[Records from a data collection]
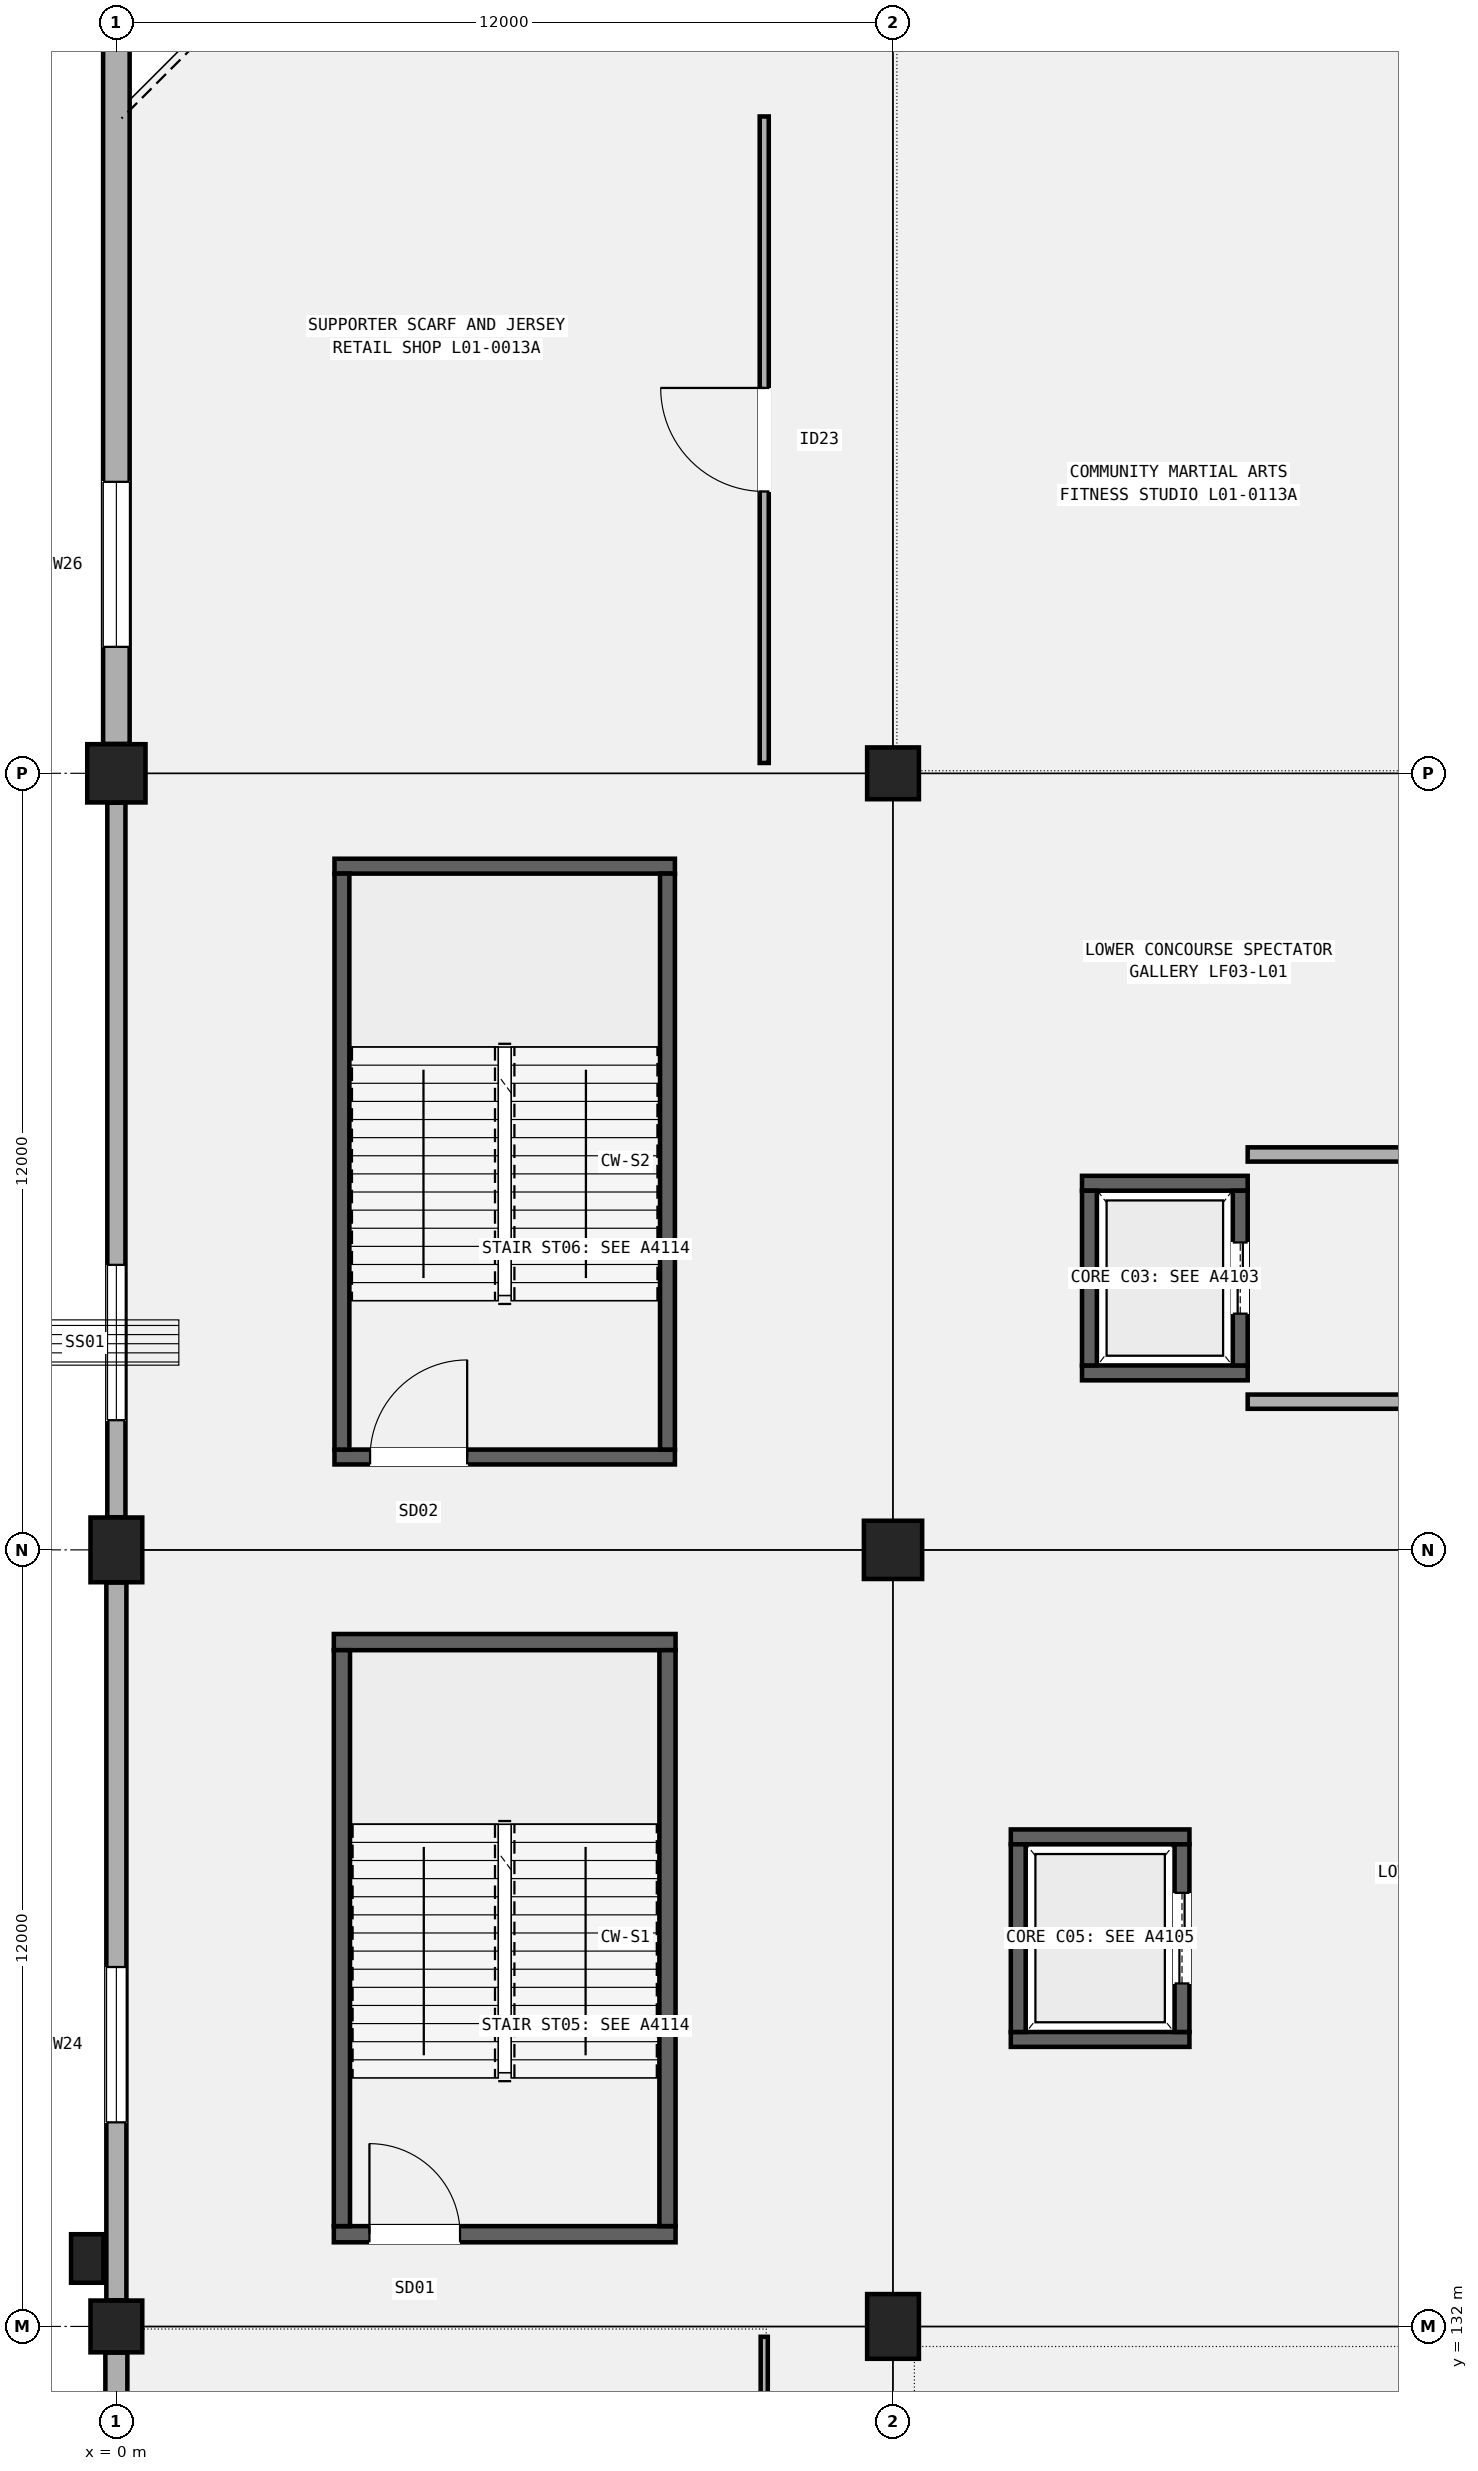
"""IFC4 building model, lengths in metres.
Left out: names, types, materials, properties, quantities, classifications, styles, units other than length and angle.
Written with IfcOpenShell. Run it as: python <this file> out.ifc"""

import sys

from ifc_helpers import new_model, si_unit, direction, frame, frame_2d, origin, origin_2d, place, context, subcontext, project, spatial, rectangle, extrude, element, fill, save


model = new_model("IFC4")
c1 = context("Model", 3, precision=1e-05, world=origin(), true_north=direction((0.0, 1.0)))
c2 = subcontext(c1, "Body", "Model", "MODEL_VIEW")
j1 = project(units=[si_unit("LENGTHUNIT", "METRE"), si_unit("PLANEANGLEUNIT", "RADIAN")], contexts=[c1])
p1 = place(None, origin())
s1 = spatial("IfcSite", under=j1, at=p1, CompositionType="ELEMENT")
p2 = place(p1, origin())
s2 = spatial("IfcBuilding", under=s1, at=p2, CompositionType="ELEMENT")
p3 = place(p2, frame((0.0, 0.0, 5.4)))
s3 = spatial("IfcBuildingStorey", under=s2, at=p3, CompositionType="ELEMENT", Elevation=5.4)
p4 = place(p3, frame((0.0, 132.0, 0.0), z_axis=(0.0, 0.0, 1.0), x_axis=(1.0, 0.0, 0.0)))
e1 = element("IfcColumn", 1, at=p4, inside=s3, PredefinedType="COLUMN", context=c2, shape_type="SweptSolid", body=[
    extrude(rectangle(XDim=0.8, YDim=0.8, at=origin_2d()), origin(), (0.0, 0.0, 1.0), 4.8),
])
p5 = place(p3, frame((0.0, 144.0, 0.0), z_axis=(0.0, 0.0, 1.0), x_axis=(1.0, 0.0, 0.0)))
e2 = element("IfcColumn", 2, at=p5, inside=s3, PredefinedType="COLUMN", context=c2, shape_type="SweptSolid", body=[
    extrude(rectangle(XDim=0.8, YDim=1.0, at=origin_2d()), origin(), (0.0, 0.0, 1.0), 4.8),
])
p6 = place(p3, frame((0.0, 156.0, 0.0), z_axis=(0.0, 0.0, 1.0), x_axis=(1.0, 0.0, 0.0)))
e3 = element("IfcColumn", 3, at=p6, inside=s3, PredefinedType="COLUMN", context=c2, shape_type="SweptSolid", body=[
    extrude(rectangle(XDim=0.9, YDim=0.9, at=origin_2d()), origin(), (0.0, 0.0, 1.0), 4.8),
])
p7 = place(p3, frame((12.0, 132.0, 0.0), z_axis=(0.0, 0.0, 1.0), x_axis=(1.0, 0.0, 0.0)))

YOUR OBJECTIVE
Please retype the whole of the data precisely, omitting pictures.

EXERCISE RESPONSE
"""IFC4 building model, lengths in metres.
Left out: names, types, materials, properties, quantities, classifications, styles, units other than length and angle.
Written with IfcOpenShell. Run it as: python <this file> out.ifc"""

import sys

from ifc_helpers import new_model, si_unit, direction, frame, frame_2d, origin, origin_2d, place, context, subcontext, project, spatial, rectangle, extrude, element, fill, save


model = new_model("IFC4")
c1 = context("Model", 3, precision=1e-05, world=origin(), true_north=direction((0.0, 1.0)))
c2 = subcontext(c1, "Body", "Model", "MODEL_VIEW")
j1 = project(units=[si_unit("LENGTHUNIT", "METRE"), si_unit("PLANEANGLEUNIT", "RADIAN")], contexts=[c1])
p1 = place(None, origin())
s1 = spatial("IfcSite", under=j1, at=p1, CompositionType="ELEMENT")
p2 = place(p1, origin())
s2 = spatial("IfcBuilding", under=s1, at=p2, CompositionType="ELEMENT")
p3 = place(p2, frame((0.0, 0.0, 5.4)))
s3 = spatial("IfcBuildingStorey", under=s2, at=p3, CompositionType="ELEMENT", Elevation=5.4)
p4 = place(p3, frame((0.0, 132.0, 0.0), z_axis=(0.0, 0.0, 1.0), x_axis=(1.0, 0.0, 0.0)))
e1 = element("IfcColumn", 1, at=p4, inside=s3, PredefinedType="COLUMN", context=c2, shape_type="SweptSolid", body=[
    extrude(rectangle(XDim=0.8, YDim=0.8, at=origin_2d()), origin(), (0.0, 0.0, 1.0), 4.8),
])
p5 = place(p3, frame((0.0, 144.0, 0.0), z_axis=(0.0, 0.0, 1.0), x_axis=(1.0, 0.0, 0.0)))
e2 = element("IfcColumn", 2, at=p5, inside=s3, PredefinedType="COLUMN", context=c2, shape_type="SweptSolid", body=[
    extrude(rectangle(XDim=0.8, YDim=1.0, at=origin_2d()), origin(), (0.0, 0.0, 1.0), 4.8),
])
p6 = place(p3, frame((0.0, 156.0, 0.0), z_axis=(0.0, 0.0, 1.0), x_axis=(1.0, 0.0, 0.0)))
e3 = element("IfcColumn", 3, at=p6, inside=s3, PredefinedType="COLUMN", context=c2, shape_type="SweptSolid", body=[
    extrude(rectangle(XDim=0.9, YDim=0.9, at=origin_2d()), origin(), (0.0, 0.0, 1.0), 4.8),
])
p7 = place(p3, frame((12.0, 132.0, 0.0), z_axis=(0.0, 0.0, 1.0), x_axis=(1.0, 0.0, 0.0)))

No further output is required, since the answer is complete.